### AIM OF THE TASK
Up to and including the final line, retype each line of the records below, starting with the one that contains "NetR48_2: R48.2 R50.2 U5.8 U5.12".

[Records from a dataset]
************

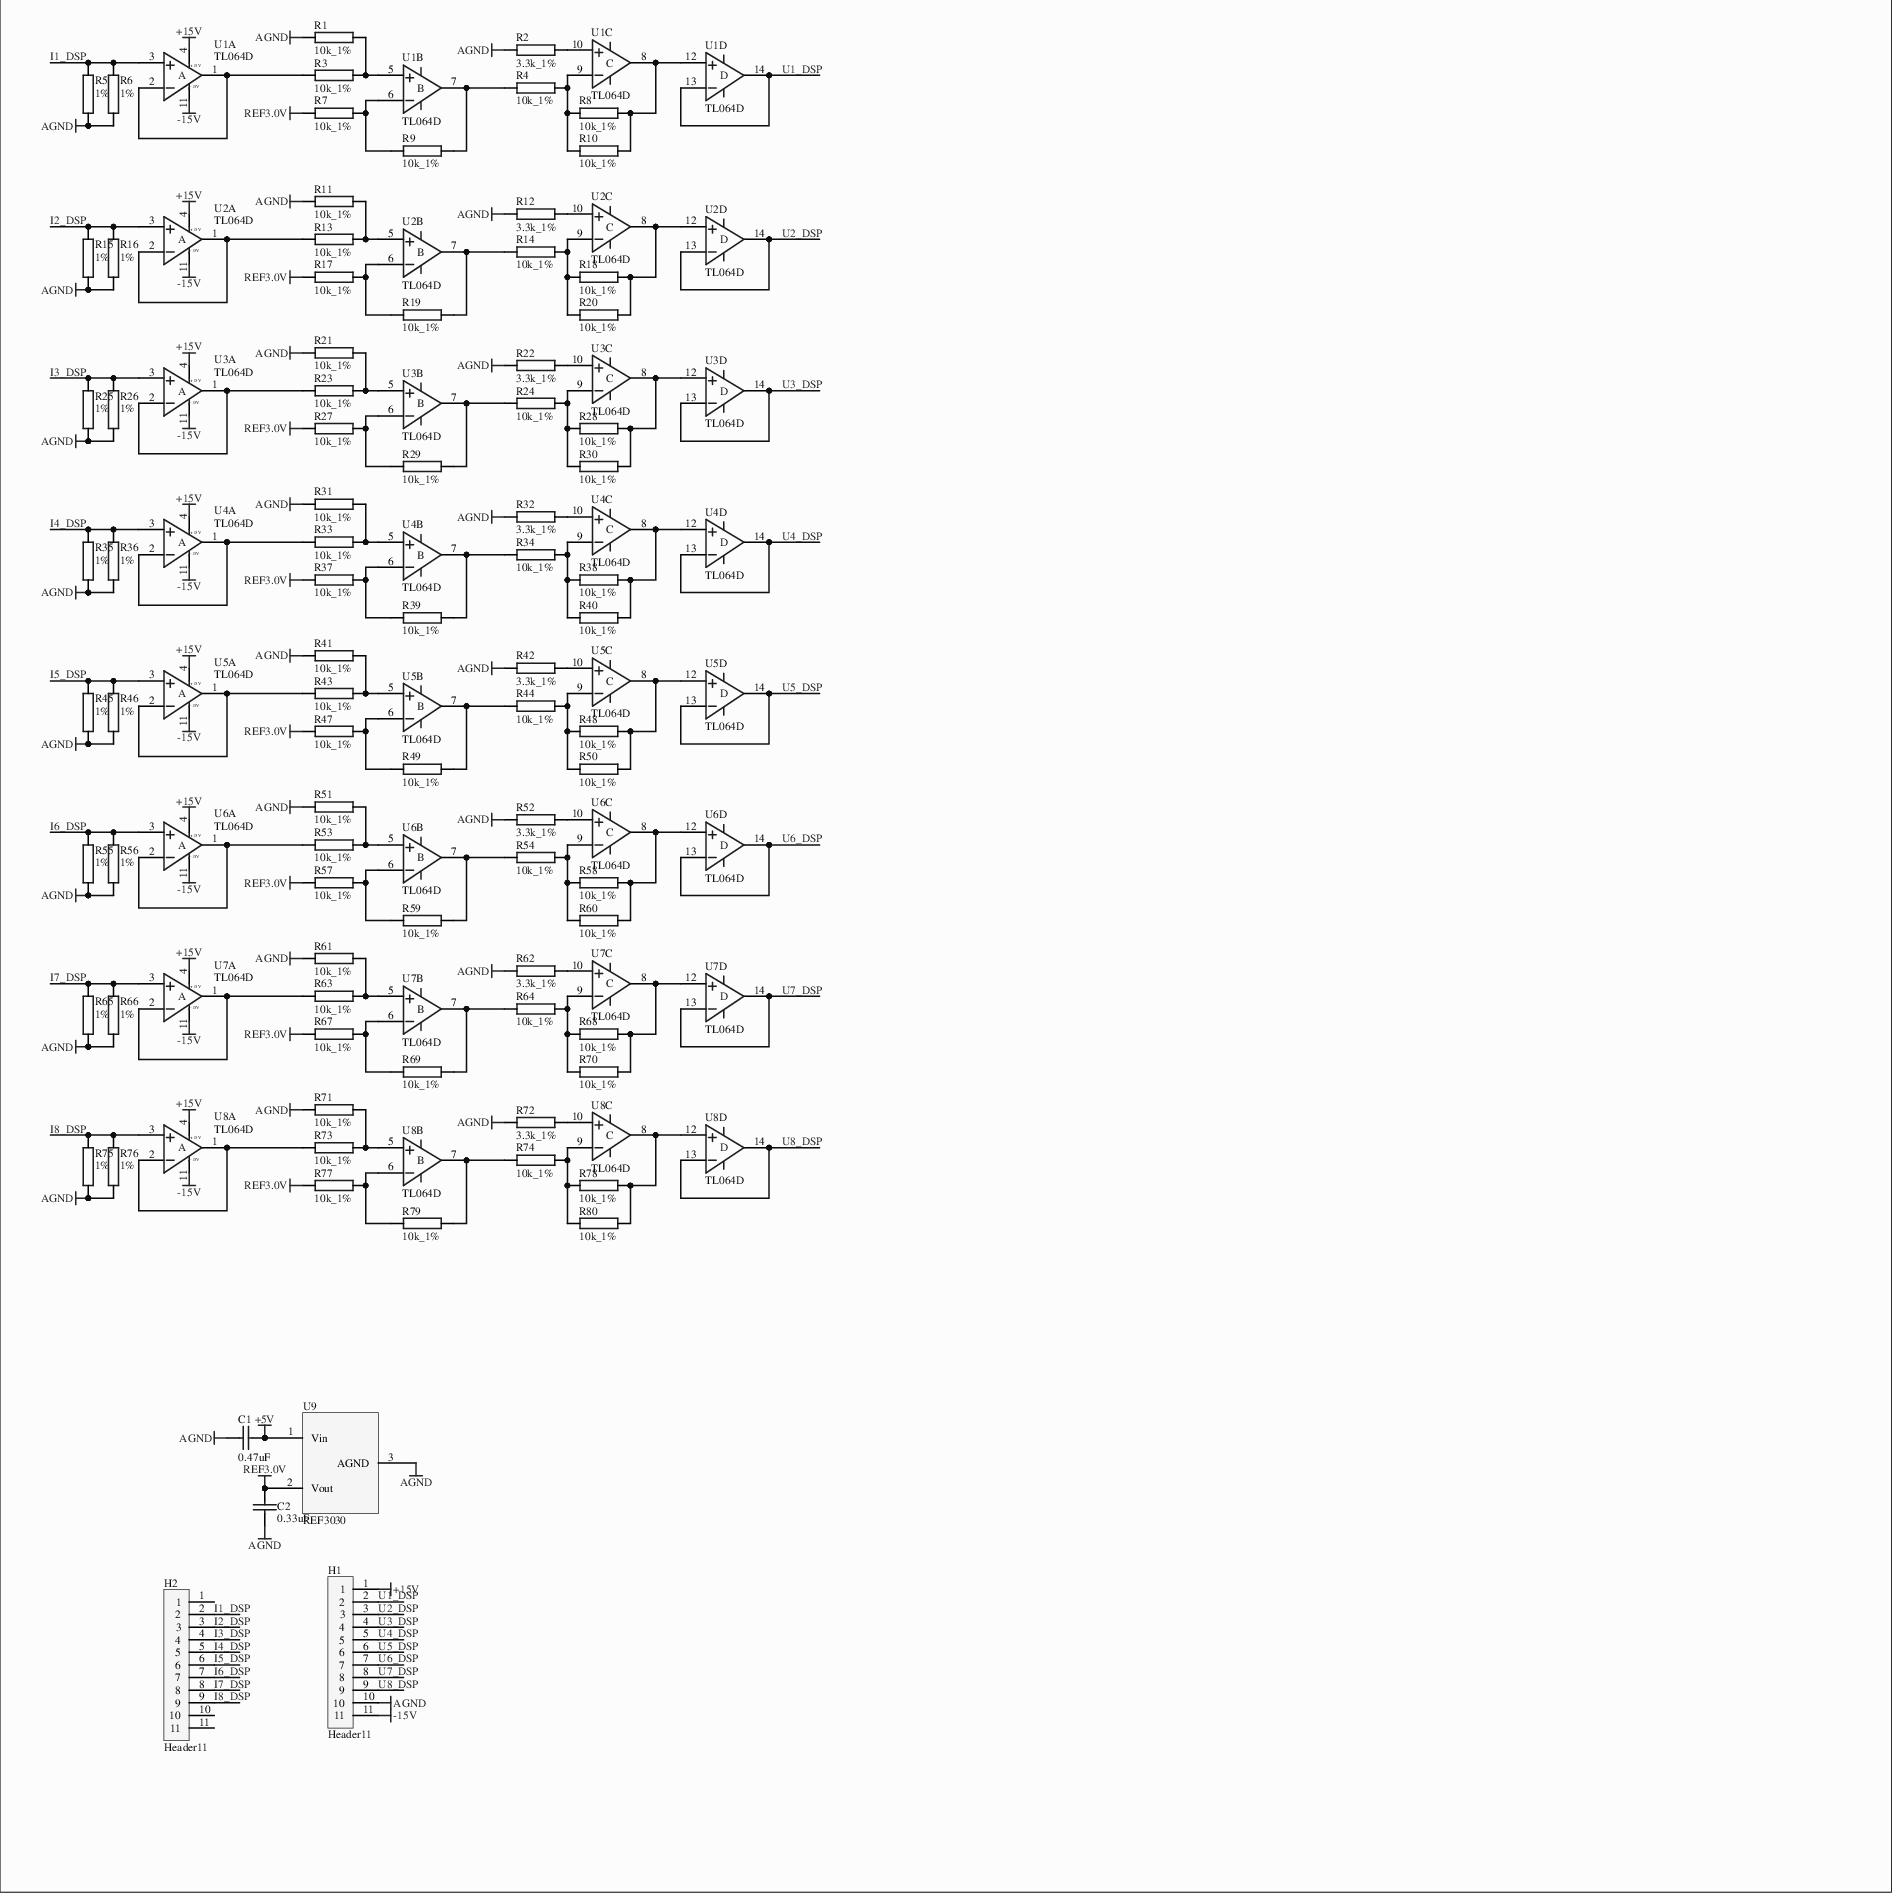
[diagram p0: MISC79030-3.SchDoc]
# Altium project MISC79030-2.PrjPcb
1 sheet, 93 parts. Net scope: global (net labels, ports and power ports of the same name join across sheets).
Board file: MISC79030.PcbDoc

## Sheet MISC79030-3.SchDoc
size 381 x 381 mm

### Parts
C1  0.47uF  [0603]
C2  0.33uF  [0603]
H1  Header11  [PinHeader11_1.27mm]
H2  Header11  [PinHeader11_1.27mm]
R1  10k_1%  [0603]
R2  3.3k_1%  [0603]
R3  10k_1%  [0603]
R4  10k_1%  [0603]
R5  1%  [0805]
R6  1%  [0805]
R7  10k_1%  [0603]
R8  10k_1%  [0603]
R9  10k_1%  [0603]
R10  10k_1%  [0603]
R11  10k_1%  [0603]
R12  3.3k_1%  [0603]
R13  10k_1%  [0603]
R14  10k_1%  [0603]
R15  1%  [0805]
R16  1%  [0805]
R17  10k_1%  [0603]
R18  10k_1%  [0603]
R19  10k_1%  [0603]
R20  10k_1%  [0603]
R21  10k_1%  [0603]
R22  3.3k_1%  [0603]
R23  10k_1%  [0603]
R24  10k_1%  [0603]
R25  1%  [0805]
R26  1%  [0805]
R27  10k_1%  [0603]
R28  10k_1%  [0603]
R29  10k_1%  [0603]
R30  10k_1%  [0603]
R31  10k_1%  [0603]
R32  3.3k_1%  [0603]
R33  10k_1%  [0603]
R34  10k_1%  [0603]
R35  1%  [0805]
R36  1%  [0805]
R37  10k_1%  [0603]
R38  10k_1%  [0603]
R39  10k_1%  [0603]
R40  10k_1%  [0603]
R41  10k_1%  [0603]
R42  3.3k_1%  [0603]
R43  10k_1%  [0603]
R44  10k_1%  [0603]
R45  1%  [0805]
R46  1%  [0805]
R47  10k_1%  [0603]
R48  10k_1%  [0603]
R49  10k_1%  [0603]
R50  10k_1%  [0603]
R51  10k_1%  [0603]
R52  3.3k_1%  [0603]
R53  10k_1%  [0603]
R54  10k_1%  [0603]
R55  1%  [0805]
R56  1%  [0805]
R57  10k_1%  [0603]
R58  10k_1%  [0603]
R59  10k_1%  [0603]
R60  10k_1%  [0603]
R61  10k_1%  [0603]
R62  3.3k_1%  [0603]
R63  10k_1%  [0603]
R64  10k_1%  [0603]
R65  1%  [0805]
R66  1%  [0805]
R67  10k_1%  [0603]
R68  10k_1%  [0603]
R69  10k_1%  [0603]
R70  10k_1%  [0603]
R71  10k_1%  [0603]
R72  3.3k_1%  [0603]
R73  10k_1%  [0603]
R74  10k_1%  [0603]
R75  1%  [0805]
R76  1%  [0805]
R77  10k_1%  [0603]
R78  10k_1%  [0603]
R79  10k_1%  [0603]
R80  10k_1%  [0603]
U1  TL064D  [TL064D_SOIC-14]  (parts A,B,C,D of 4)
U2  TL064D  [TL064D_SOIC-14]  (parts A,B,C,D of 4)
U3  TL064D  [TL064D_SOIC-14]  (parts A,B,C,D of 4)
U4  TL064D  [TL064D_SOIC-14]  (parts A,B,C,D of 4)
U5  TL064D  [TL064D_SOIC-14]  (parts A,B,C,D of 4)
U6  TL064D  [TL064D_SOIC-14]  (parts A,B,C,D of 4)
U7  TL064D  [TL064D_SOIC-14]  (parts A,B,C,D of 4)
U8  TL064D  [TL064D_SOIC-14]  (parts A,B,C,D of 4)
U9  REF3030  [SOT-23]

### Nets
+5V: C1.1 U9.1(Vin)
+15V: H1.1 U1.4 U2.4 U3.4 U4.4 U5.4 U6.4 U7.4 U8.4
-15V: H1.11 U1.11 U2.11 U3.11 U4.11 U5.11 U6.11 U7.11 U8.11
AGND: C1.2 C2.2 H1.10 R1.1 R2.1 R5.2 R6.2 R11.1 R12.1 R15.2 R16.2 R21.1 R22.1 R25.2 R26.2 R31.1 R32.1 R35.2 R36.2 R41.1 R42.1 R45.2 R46.2 R51.1 R52.1 R55.2 R56.2 R61.1 R62.1 R65.2 R66.2 R71.1 R72.1 R75.2 R76.2 U9.3(AGND)
REF3.0V: C2.1 R7.1 R17.1 R27.1 R37.1 R47.1 R57.1 R67.1 R77.1 U9.2(Vout)
I1_DSP: H2.2 R5.1 R6.1 U1.3
I2_DSP: H2.3 R15.1 R16.1 U2.3
I3_DSP: H2.4 R25.1 R26.1 U3.3
I4_DSP: H2.5 R35.1 R36.1 U4.3
I5_DSP: H2.6 R45.1 R46.1 U5.3
I6_DSP: H2.7 R55.1 R56.1 U6.3
I7_DSP: H2.8 R65.1 R66.1 U7.3
I8_DSP: H2.9 R75.1 R76.1 U8.3
U1_DSP: H1.2 U1.13 U1.14
U2_DSP: H1.3 U2.13 U2.14
U3_DSP: H1.4 U3.13 U3.14
U4_DSP: H1.5 U4.13 U4.14
U5_DSP: H1.6 U5.13 U5.14
U6_DSP: H1.7 U6.13 U6.14
U7_DSP: H1.8 U7.13 U7.14
U8_DSP: H1.9 U8.13 U8.14
NetR1_2: R1.2 R3.2 U1.5
NetR2_2: R2.2 U1.10
NetR3_1: R3.1 U1.1 U1.2
NetR4_1: R4.1 R9.2 U1.7
NetR4_2: R4.2 R8.1 R10.1 U1.9
NetR7_2: R7.2 R9.1 U1.6
NetR8_2: R8.2 R10.2 U1.8 U1.12
NetR11_2: R11.2 R13.2 U2.5
NetR12_2: R12.2 U2.10
NetR13_1: R13.1 U2.1 U2.2
NetR14_1: R14.1 R19.2 U2.7
NetR14_2: R14.2 R18.1 R20.1 U2.9
NetR17_2: R17.2 R19.1 U2.6
NetR18_2: R18.2 R20.2 U2.8 U2.12
NetR21_2: R21.2 R23.2 U3.5
NetR22_2: R22.2 U3.10
NetR23_1: R23.1 U3.1 U3.2
NetR24_1: R24.1 R29.2 U3.7
NetR24_2: R24.2 R28.1 R30.1 U3.9
NetR27_2: R27.2 R29.1 U3.6
NetR28_2: R28.2 R30.2 U3.8 U3.12
NetR31_2: R31.2 R33.2 U4.5
NetR32_2: R32.2 U4.10
NetR33_1: R33.1 U4.1 U4.2
NetR34_1: R34.1 R39.2 U4.7
NetR34_2: R34.2 R38.1 R40.1 U4.9
NetR37_2: R37.2 R39.1 U4.6
NetR38_2: R38.2 R40.2 U4.8 U4.12
NetR41_2: R41.2 R43.2 U5.5
NetR42_2: R42.2 U5.10
NetR43_1: R43.1 U5.1 U5.2
NetR44_1: R44.1 R49.2 U5.7
NetR44_2: R44.2 R48.1 R50.1 U5.9
NetR47_2: R47.2 R49.1 U5.6
NetR48_2: R48.2 R50.2 U5.8 U5.12
NetR51_2: R51.2 R53.2 U6.5
NetR52_2: R52.2 U6.10
NetR53_1: R53.1 U6.1 U6.2
NetR54_1: R54.1 R59.2 U6.7
NetR54_2: R54.2 R58.1 R60.1 U6.9
NetR57_2: R57.2 R59.1 U6.6
NetR58_2: R58.2 R60.2 U6.8 U6.12
NetR61_2: R61.2 R63.2 U7.5
NetR62_2: R62.2 U7.10
NetR63_1: R63.1 U7.1 U7.2
NetR64_1: R64.1 R69.2 U7.7
NetR64_2: R64.2 R68.1 R70.1 U7.9
NetR67_2: R67.2 R69.1 U7.6
NetR68_2: R68.2 R70.2 U7.8 U7.12
NetR71_2: R71.2 R73.2 U8.5
NetR72_2: R72.2 U8.10
NetR73_1: R73.1 U8.1 U8.2
NetR74_1: R74.1 R79.2 U8.7
NetR74_2: R74.2 R78.1 R80.1 U8.9
NetR77_2: R77.2 R79.1 U8.6
NetR78_2: R78.2 R80.2 U8.8 U8.12

Not connected (* = marked no-connect by the designer): H2 1 10 11

### Library data of the parts
C1 C2 = CAP: Capacitor
R1-R80 = ProE260.TMP_300K_25
U1-U8 = TL064D: TI TL064D

************

### EXERCISE ANSWER
NetR48_2: R48.2 R50.2 U5.8 U5.12
NetR51_2: R51.2 R53.2 U6.5
NetR52_2: R52.2 U6.10
NetR53_1: R53.1 U6.1 U6.2
NetR54_1: R54.1 R59.2 U6.7
NetR54_2: R54.2 R58.1 R60.1 U6.9
NetR57_2: R57.2 R59.1 U6.6
NetR58_2: R58.2 R60.2 U6.8 U6.12
NetR61_2: R61.2 R63.2 U7.5
NetR62_2: R62.2 U7.10
NetR63_1: R63.1 U7.1 U7.2
NetR64_1: R64.1 R69.2 U7.7
NetR64_2: R64.2 R68.1 R70.1 U7.9
NetR67_2: R67.2 R69.1 U7.6
NetR68_2: R68.2 R70.2 U7.8 U7.12
NetR71_2: R71.2 R73.2 U8.5
NetR72_2: R72.2 U8.10
NetR73_1: R73.1 U8.1 U8.2
NetR74_1: R74.1 R79.2 U8.7
NetR74_2: R74.2 R78.1 R80.1 U8.9
NetR77_2: R77.2 R79.1 U8.6
NetR78_2: R78.2 R80.2 U8.8 U8.12

Not connected (* = marked no-connect by the designer): H2 1 10 11

### Library data of the parts
C1 C2 = CAP: Capacitor
R1-R80 = ProE260.TMP_300K_25
U1-U8 = TL064D: TI TL064D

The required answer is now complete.